*** Records ***
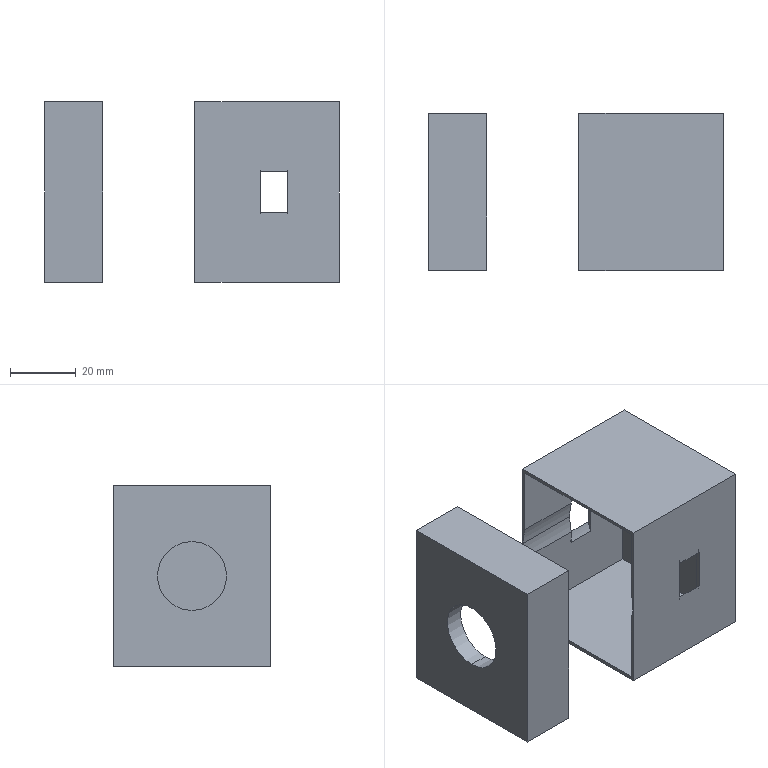Component | SolidWorks | BearingHousing-1 | 2 solids | 35 faces | box 89.77 x 47.79 x 55 mm | volume 28863 mm3 | plane 26 | cylinder 9 | commonest cylinder face diameters 49.4 x4 47.02 x3 21 x2
STEP:
#1=COLOUR_RGB('',0.7922,0.8196,0.9333);
#2=FILL_AREA_STYLE_COLOUR('',#1);
#3=FILL_AREA_STYLE('',(#2));
#4=SURFACE_STYLE_FILL_AREA(#3);
#5=SURFACE_SIDE_STYLE('',(#4));
#6=SURFACE_STYLE_USAGE(.BOTH.,#5);
#7=PRESENTATION_STYLE_ASSIGNMENT((#6));
#8=CARTESIAN_POINT('',(7.824,3.296,-0.0000003));
#9=VERTEX_POINT('',#8);
#10=CARTESIAN_POINT('',(7.824,3.272,-0.2103));
#11=VERTEX_POINT('',#10);
#12=CARTESIAN_POINT('',(7.824,2.371,-0.0000003));
#13=DIRECTION('',(-1.,-0.,-0.));
#14=DIRECTION('',(0.,-1.,-0.));
#15=AXIS2_PLACEMENT_3D('',#12,#13,#14);
#16=CIRCLE('',#15,0.9256);
#17=EDGE_CURVE('',#9,#11,#16,.T.);
#18=ORIENTED_EDGE('',*,*,#17,.F.);
#19=CARTESIAN_POINT('',(7.039,3.296,-0.0000003));
#20=VERTEX_POINT('',#19);
#21=CARTESIAN_POINT('',(7.826,3.296,-0.0000003));
#22=DIRECTION('',(-1.,-0.,-0.));
#23=VECTOR('',#22,39.37);
#24=LINE('',#21,#23);
#25=EDGE_CURVE('',#9,#20,#24,.T.);
#26=ORIENTED_EDGE('',*,*,#25,.T.);
#27=CARTESIAN_POINT('',(7.039,3.272,-0.2103));
#28=VERTEX_POINT('',#27);
#29=CARTESIAN_POINT('',(7.039,2.371,-0.0000003));
#30=DIRECTION('',(-1.,-0.,-0.));
#31=DIRECTION('',(0.,-1.,-0.));
#32=AXIS2_PLACEMENT_3D('',#29,#30,#31);
#33=CIRCLE('',#32,0.9256);
#34=EDGE_CURVE('',#20,#28,#33,.T.);
#35=ORIENTED_EDGE('',*,*,#34,.T.);
#36=CARTESIAN_POINT('',(7.826,3.272,-0.2103));
#37=DIRECTION('',(1.,0.,0.));
#38=VECTOR('',#37,39.37);
#39=LINE('',#36,#38);
#40=EDGE_CURVE('',#28,#11,#39,.T.);
#41=ORIENTED_EDGE('',*,*,#40,.T.);
#42=EDGE_LOOP('',(#18,#26,#35,#41));
#43=FACE_OUTER_BOUND('',#42,.T.);
#44=CARTESIAN_POINT('',(7.826,2.371,-0.0000003));
#45=DIRECTION('',(-1.,-0.,-0.));
#46=DIRECTION('',(0.,1.,0.));
#47=AXIS2_PLACEMENT_3D('',#44,#45,#46);
#48=CYLINDRICAL_SURFACE('',#47,0.9256);
#49=ADVANCED_FACE('',(#43),#48,.F.);
#50=CARTESIAN_POINT('',(7.039,1.469,0.2103));
#51=VERTEX_POINT('',#50);
#52=CARTESIAN_POINT('',(7.824,1.469,0.2103));
#53=VERTEX_POINT('',#52);
#54=CARTESIAN_POINT('',(7.826,1.469,0.2103));
#55=DIRECTION('',(1.,0.,0.));
#56=VECTOR('',#55,39.37);
#57=LINE('',#54,#56);
#58=EDGE_CURVE('',#51,#53,#57,.T.);
#59=ORIENTED_EDGE('',*,*,#58,.F.);
#60=CARTESIAN_POINT('',(7.039,1.469,1.043));
#61=VERTEX_POINT('',#60);
#62=CARTESIAN_POINT('',(7.039,1.469,0.8331));
#63=DIRECTION('',(0.,0.,-1.));
#64=VECTOR('',#63,39.37);
#65=LINE('',#62,#64);
#66=EDGE_CURVE('',#61,#51,#65,.T.);
#67=ORIENTED_EDGE('',*,*,#66,.F.);
#68=CARTESIAN_POINT('',(8.692,1.469,1.043));
#69=VERTEX_POINT('',#68);
#70=CARTESIAN_POINT('',(5.464,1.469,1.043));
#71=DIRECTION('',(1.,0.,0.));
#72=VECTOR('',#71,39.37);
#73=LINE('',#70,#72);
#74=EDGE_CURVE('',#61,#69,#73,.T.);
#75=ORIENTED_EDGE('',*,*,#74,.T.);
#76=CARTESIAN_POINT('',(8.692,1.469,-1.043));
#77=VERTEX_POINT('',#76);
#78=CARTESIAN_POINT('',(8.692,1.469,1.043));
#79=DIRECTION('',(0.,0.,-1.));
#80=VECTOR('',#79,39.37);
#81=LINE('',#78,#80);
#82=EDGE_CURVE('',#69,#77,#81,.T.);
#83=ORIENTED_EDGE('',*,*,#82,.T.);
#84=CARTESIAN_POINT('',(7.039,1.469,-1.043));
#85=VERTEX_POINT('',#84);
#86=CARTESIAN_POINT('',(5.464,1.469,-1.043));
#87=DIRECTION('',(1.,0.,0.));
#88=VECTOR('',#87,39.37);
#89=LINE('',#86,#88);
#90=EDGE_CURVE('',#85,#77,#89,.T.);
#91=ORIENTED_EDGE('',*,*,#90,.F.);
#92=CARTESIAN_POINT('',(7.039,1.469,-0.2103));
#93=VERTEX_POINT('',#92);
#94=CARTESIAN_POINT('',(7.039,1.469,0.8331));
#95=DIRECTION('',(0.,0.,-1.));
#96=VECTOR('',#95,39.37);
#97=LINE('',#94,#96);
#98=EDGE_CURVE('',#93,#85,#97,.T.);
#99=ORIENTED_EDGE('',*,*,#98,.F.);
#100=CARTESIAN_POINT('',(7.824,1.469,-0.2103));
#101=VERTEX_POINT('',#100);
#102=CARTESIAN_POINT('',(7.826,1.469,-0.2103));
#103=DIRECTION('',(-1.,-0.,-0.));
#104=VECTOR('',#103,39.37);
#105=LINE('',#102,#104);
#106=EDGE_CURVE('',#101,#93,#105,.T.);
#107=ORIENTED_EDGE('',*,*,#106,.F.);
#108=CARTESIAN_POINT('',(7.824,1.469,-0.3649));
#109=VERTEX_POINT('',#108);
#110=CARTESIAN_POINT('',(7.824,1.469,1.043));
#111=DIRECTION('',(-0.,-0.,1.));
#112=VECTOR('',#111,39.37);
#113=LINE('',#110,#112);
#114=EDGE_CURVE('',#109,#101,#113,.T.);
#115=ORIENTED_EDGE('',*,*,#114,.F.);
#116=CARTESIAN_POINT('',(8.151,1.469,-0.3649));
#117=VERTEX_POINT('',#116);
#118=CARTESIAN_POINT('',(8.151,1.469,-0.3649));
#119=DIRECTION('',(-1.,-0.,-0.));
#120=VECTOR('',#119,39.37);
#121=LINE('',#118,#120);
#122=EDGE_CURVE('',#117,#109,#121,.T.);
#123=ORIENTED_EDGE('',*,*,#122,.F.);
#124=CARTESIAN_POINT('',(8.151,1.469,0.3649));
#125=VERTEX_POINT('',#124);
#126=CARTESIAN_POINT('',(8.151,1.469,1.043));
#127=DIRECTION('',(-0.,-0.,1.));
#128=VECTOR('',#127,39.37);
#129=LINE('',#126,#128);
#130=EDGE_CURVE('',#117,#125,#129,.T.);
#131=ORIENTED_EDGE('',*,*,#130,.T.);
#132=CARTESIAN_POINT('',(7.824,1.469,0.3649));
#133=VERTEX_POINT('',#132);
#134=CARTESIAN_POINT('',(8.151,1.469,0.3649));
#135=DIRECTION('',(1.,0.,0.));
#136=VECTOR('',#135,39.37);
#137=LINE('',#134,#136);
#138=EDGE_CURVE('',#133,#125,#137,.T.);
#139=ORIENTED_EDGE('',*,*,#138,.F.);
#140=CARTESIAN_POINT('',(7.824,1.469,1.043));
#141=DIRECTION('',(-0.,-0.,1.));
#142=VECTOR('',#141,39.37);
#143=LINE('',#140,#142);
#144=EDGE_CURVE('',#53,#133,#143,.T.);
#145=ORIENTED_EDGE('',*,*,#144,.F.);
#146=EDGE_LOOP('',(#59,#67,#75,#83,#91,#99,#107,#115,#123,#131,#139,#145));
#147=FACE_OUTER_BOUND('',#146,.T.);
#148=CARTESIAN_POINT('',(5.464,1.469,1.043));
#149=DIRECTION('',(0.,-1.,-0.));
#150=DIRECTION('',(0.,0.,-1.));
#151=AXIS2_PLACEMENT_3D('',#148,#149,#150);
#152=PLANE('',#151);
#153=ADVANCED_FACE('',(#147),#152,.F.);
#154=ORIENTED_EDGE('',*,*,#40,.F.);
#155=CARTESIAN_POINT('',(7.039,3.272,-1.043));
#156=VERTEX_POINT('',#155);
#157=CARTESIAN_POINT('',(7.039,3.272,0.8331));
#158=DIRECTION('',(-0.,-0.,1.));
#159=VECTOR('',#158,39.37);
#160=LINE('',#157,#159);
#161=EDGE_CURVE('',#156,#28,#160,.T.);
#162=ORIENTED_EDGE('',*,*,#161,.F.);
#163=CARTESIAN_POINT('',(8.692,3.272,-1.043));
#164=VERTEX_POINT('',#163);
#165=CARTESIAN_POINT('',(5.464,3.272,-1.043));
#166=DIRECTION('',(1.,0.,0.));
#167=VECTOR('',#166,39.37);
#168=LINE('',#165,#167);
#169=EDGE_CURVE('',#156,#164,#168,.T.);
#170=ORIENTED_EDGE('',*,*,#169,.T.);
#171=CARTESIAN_POINT('',(8.692,3.272,1.043));
#172=VERTEX_POINT('',#171);
#173=CARTESIAN_POINT('',(8.692,3.272,-1.043));
#174=DIRECTION('',(-0.,-0.,1.));
#175=VECTOR('',#174,39.37);
#176=LINE('',#173,#175);
#177=EDGE_CURVE('',#164,#172,#176,.T.);
#178=ORIENTED_EDGE('',*,*,#177,.T.);
#179=CARTESIAN_POINT('',(7.039,3.272,1.043));
#180=VERTEX_POINT('',#179);
#181=CARTESIAN_POINT('',(5.464,3.272,1.043));
#182=DIRECTION('',(1.,0.,0.));
#183=VECTOR('',#182,39.37);
#184=LINE('',#181,#183);
#185=EDGE_CURVE('',#180,#172,#184,.T.);
#186=ORIENTED_EDGE('',*,*,#185,.F.);
#187=CARTESIAN_POINT('',(7.039,3.272,0.2103));
#188=VERTEX_POINT('',#187);
#189=CARTESIAN_POINT('',(7.039,3.272,0.8331));
#190=DIRECTION('',(-0.,-0.,1.));
#191=VECTOR('',#190,39.37);
#192=LINE('',#189,#191);
#193=EDGE_CURVE('',#188,#180,#192,.T.);
#194=ORIENTED_EDGE('',*,*,#193,.F.);
#195=CARTESIAN_POINT('',(7.824,3.272,0.2103));
#196=VERTEX_POINT('',#195);
#197=CARTESIAN_POINT('',(7.826,3.272,0.2103));
#198=DIRECTION('',(-1.,-0.,-0.));
#199=VECTOR('',#198,39.37);
#200=LINE('',#197,#199);
#201=EDGE_CURVE('',#196,#188,#200,.T.);
#202=ORIENTED_EDGE('',*,*,#201,.F.);
#203=CARTESIAN_POINT('',(7.824,3.272,0.3649));
#204=VERTEX_POINT('',#203);
#205=CARTESIAN_POINT('',(7.824,3.272,-1.043));
#206=DIRECTION('',(0.,0.,-1.));
#207=VECTOR('',#206,39.37);
#208=LINE('',#205,#207);
#209=EDGE_CURVE('',#204,#196,#208,.T.);
#210=ORIENTED_EDGE('',*,*,#209,.F.);
#211=CARTESIAN_POINT('',(8.151,3.272,0.3649));
#212=VERTEX_POINT('',#211);
#213=CARTESIAN_POINT('',(8.151,3.272,0.3649));
#214=DIRECTION('',(-1.,-0.,-0.));
#215=VECTOR('',#214,39.37);
#216=LINE('',#213,#215);
#217=EDGE_CURVE('',#212,#204,#216,.T.);
#218=ORIENTED_EDGE('',*,*,#217,.F.);
#219=CARTESIAN_POINT('',(8.151,3.272,-0.3649));
#220=VERTEX_POINT('',#219);
#221=CARTESIAN_POINT('',(8.151,3.272,-1.043));
#222=DIRECTION('',(0.,0.,-1.));
#223=VECTOR('',#222,39.37);
#224=LINE('',#221,#223);
#225=EDGE_CURVE('',#212,#220,#224,.T.);
#226=ORIENTED_EDGE('',*,*,#225,.T.);
#227=CARTESIAN_POINT('',(7.824,3.272,-0.3649));
#228=VERTEX_POINT('',#227);
#229=CARTESIAN_POINT('',(8.151,3.272,-0.3649));
#230=DIRECTION('',(1.,0.,0.));
#231=VECTOR('',#230,39.37);
#232=LINE('',#229,#231);
#233=EDGE_CURVE('',#228,#220,#232,.T.);
#234=ORIENTED_EDGE('',*,*,#233,.F.);
#235=CARTESIAN_POINT('',(7.824,3.272,-1.043));
#236=DIRECTION('',(0.,0.,-1.));
#237=VECTOR('',#236,39.37);
#238=LINE('',#235,#237);
#239=EDGE_CURVE('',#11,#228,#238,.T.);
#240=ORIENTED_EDGE('',*,*,#239,.F.);
#241=EDGE_LOOP('',(#154,#162,#170,#178,#186,#194,#202,#210,#218,#226,#234,#240));
#242=FACE_OUTER_BOUND('',#241,.T.);
#243=CARTESIAN_POINT('',(5.464,3.272,-1.043));
#244=DIRECTION('',(-0.,1.,0.));
#245=DIRECTION('',(-0.,-0.,1.));
#246=AXIS2_PLACEMENT_3D('',#243,#244,#245);
#247=PLANE('',#246);
#248=ADVANCED_FACE('',(#242),#247,.F.);
#249=CARTESIAN_POINT('',(7.039,2.371,-0.0000003));
#250=DIRECTION('',(-1.,-0.,-0.));
#251=DIRECTION('',(0.,-1.,-0.));
#252=AXIS2_PLACEMENT_3D('',#249,#250,#251);
#253=CIRCLE('',#252,0.9256);
#254=EDGE_CURVE('',#188,#20,#253,.T.);
#255=ORIENTED_EDGE('',*,*,#254,.F.);
#256=ORIENTED_EDGE('',*,*,#193,.T.);
#257=CARTESIAN_POINT('',(7.039,3.37,1.043));
#258=DIRECTION('',(0.,-1.,-0.));
#259=VECTOR('',#258,39.37);
#260=LINE('',#257,#259);
#261=EDGE_CURVE('',#180,#61,#260,.T.);
#262=ORIENTED_EDGE('',*,*,#261,.T.);
#263=ORIENTED_EDGE('',*,*,#66,.T.);
#264=CARTESIAN_POINT('',(7.039,2.371,-0.0000003));
#265=DIRECTION('',(-1.,-0.,-0.));
#266=DIRECTION('',(0.,-1.,-0.));
#267=AXIS2_PLACEMENT_3D('',#264,#265,#266);
#268=CIRCLE('',#267,0.9256);
#269=EDGE_CURVE('',#93,#51,#268,.T.);
#270=ORIENTED_EDGE('',*,*,#269,.F.);
#271=ORIENTED_EDGE('',*,*,#98,.T.);
#272=CARTESIAN_POINT('',(7.039,3.37,-1.043));
#273=DIRECTION('',(-0.,1.,0.));
#274=VECTOR('',#273,39.37);
#275=LINE('',#272,#274);
#276=EDGE_CURVE('',#85,#156,#275,.T.);
#277=ORIENTED_EDGE('',*,*,#276,.T.);
#278=ORIENTED_EDGE('',*,*,#161,.T.);
#279=ORIENTED_EDGE('',*,*,#34,.F.);
#280=EDGE_LOOP('',(#255,#256,#262,#263,#270,#271,#277,#278,#279));
#281=FACE_BOUND('',#280,.T.);
#282=CARTESIAN_POINT('',(7.039,1.43,1.083));
#283=VERTEX_POINT('',#282);
#284=CARTESIAN_POINT('',(7.039,1.43,-1.083));
#285=VERTEX_POINT('',#284);
#286=CARTESIAN_POINT('',(7.039,1.43,1.083));
#287=DIRECTION('',(0.,0.,-1.));
#288=VECTOR('',#287,39.37);
#289=LINE('',#286,#288);
#290=EDGE_CURVE('',#283,#285,#289,.T.);
#291=ORIENTED_EDGE('',*,*,#290,.F.);
#292=CARTESIAN_POINT('',(7.039,3.312,1.083));
#293=VERTEX_POINT('',#292);
#294=CARTESIAN_POINT('',(7.039,3.312,1.083));
#295=DIRECTION('',(0.,-1.,-0.));
#296=VECTOR('',#295,39.37);
#297=LINE('',#294,#296);
#298=EDGE_CURVE('',#293,#283,#297,.T.);
#299=ORIENTED_EDGE('',*,*,#298,.F.);
#300=CARTESIAN_POINT('',(7.039,3.312,-1.083));
#301=VERTEX_POINT('',#300);
#302=CARTESIAN_POINT('',(7.039,3.312,-1.083));
#303=DIRECTION('',(-0.,-0.,1.));
#304=VECTOR('',#303,39.37);
#305=LINE('',#302,#304);
#306=EDGE_CURVE('',#301,#293,#305,.T.);
#307=ORIENTED_EDGE('',*,*,#306,.F.);
#308=CARTESIAN_POINT('',(7.039,1.43,-1.083));
#309=DIRECTION('',(-0.,1.,0.));
#310=VECTOR('',#309,39.37);
#311=LINE('',#308,#310);
#312=EDGE_CURVE('',#285,#301,#311,.T.);
#313=ORIENTED_EDGE('',*,*,#312,.F.);
#314=EDGE_LOOP('',(#291,#299,#307,#313));
#315=FACE_OUTER_BOUND('',#314,.T.);
#316=CARTESIAN_POINT('',(7.039,3.37,0.8331));
#317=DIRECTION('',(1.,0.,0.));
#318=DIRECTION('',(0.,-1.,-0.));
#319=AXIS2_PLACEMENT_3D('',#316,#317,#318);
#320=PLANE('',#319);
#321=ADVANCED_FACE('',(#281,#315),#320,.F.);
#322=CARTESIAN_POINT('',(8.771,1.43,-1.083));
#323=VERTEX_POINT('',#322);
#324=CARTESIAN_POINT('',(-2.164,1.43,-1.083));
#325=DIRECTION('',(1.,-0.,0.));
#326=VECTOR('',#325,39.37);
#327=LINE('',#324,#326);
#328=EDGE_CURVE('',#285,#323,#327,.T.);
#329=ORIENTED_EDGE('',*,*,#328,.F.);
#330=ORIENTED_EDGE('',*,*,#312,.T.);
#331=CARTESIAN_POINT('',(8.771,3.312,-1.083));
#332=VERTEX_POINT('',#331);
#333=CARTESIAN_POINT('',(-2.164,3.312,-1.083));
#334=DIRECTION('',(-1.,-0.,-0.));
#335=VECTOR('',#334,39.37);
#336=LINE('',#333,#335);
#337=EDGE_CURVE('',#332,#301,#336,.T.);
#338=ORIENTED_EDGE('',*,*,#337,.F.);
#339=CARTESIAN_POINT('',(8.771,1.43,-1.083));
#340=DIRECTION('',(-0.,1.,0.));
#341=VECTOR('',#340,39.37);
#342=LINE('',#339,#341);
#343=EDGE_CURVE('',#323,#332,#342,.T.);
*** End of Records ***
● Exercise details
Begin at the line above that has "#110=CARTESIAN_POINT('',(7.824,1.469,1.043));" and stop after the line that has "#129=LINE('',#126,#128);", copying each line exactly and adding nothing else.

● Written response
#110=CARTESIAN_POINT('',(7.824,1.469,1.043));
#111=DIRECTION('',(-0.,-0.,1.));
#112=VECTOR('',#111,39.37);
#113=LINE('',#110,#112);
#114=EDGE_CURVE('',#109,#101,#113,.T.);
#115=ORIENTED_EDGE('',*,*,#114,.F.);
#116=CARTESIAN_POINT('',(8.151,1.469,-0.3649));
#117=VERTEX_POINT('',#116);
#118=CARTESIAN_POINT('',(8.151,1.469,-0.3649));
#119=DIRECTION('',(-1.,-0.,-0.));
#120=VECTOR('',#119,39.37);
#121=LINE('',#118,#120);
#122=EDGE_CURVE('',#117,#109,#121,.T.);
#123=ORIENTED_EDGE('',*,*,#122,.F.);
#124=CARTESIAN_POINT('',(8.151,1.469,0.3649));
#125=VERTEX_POINT('',#124);
#126=CARTESIAN_POINT('',(8.151,1.469,1.043));
#127=DIRECTION('',(-0.,-0.,1.));
#128=VECTOR('',#127,39.37);
#129=LINE('',#126,#128);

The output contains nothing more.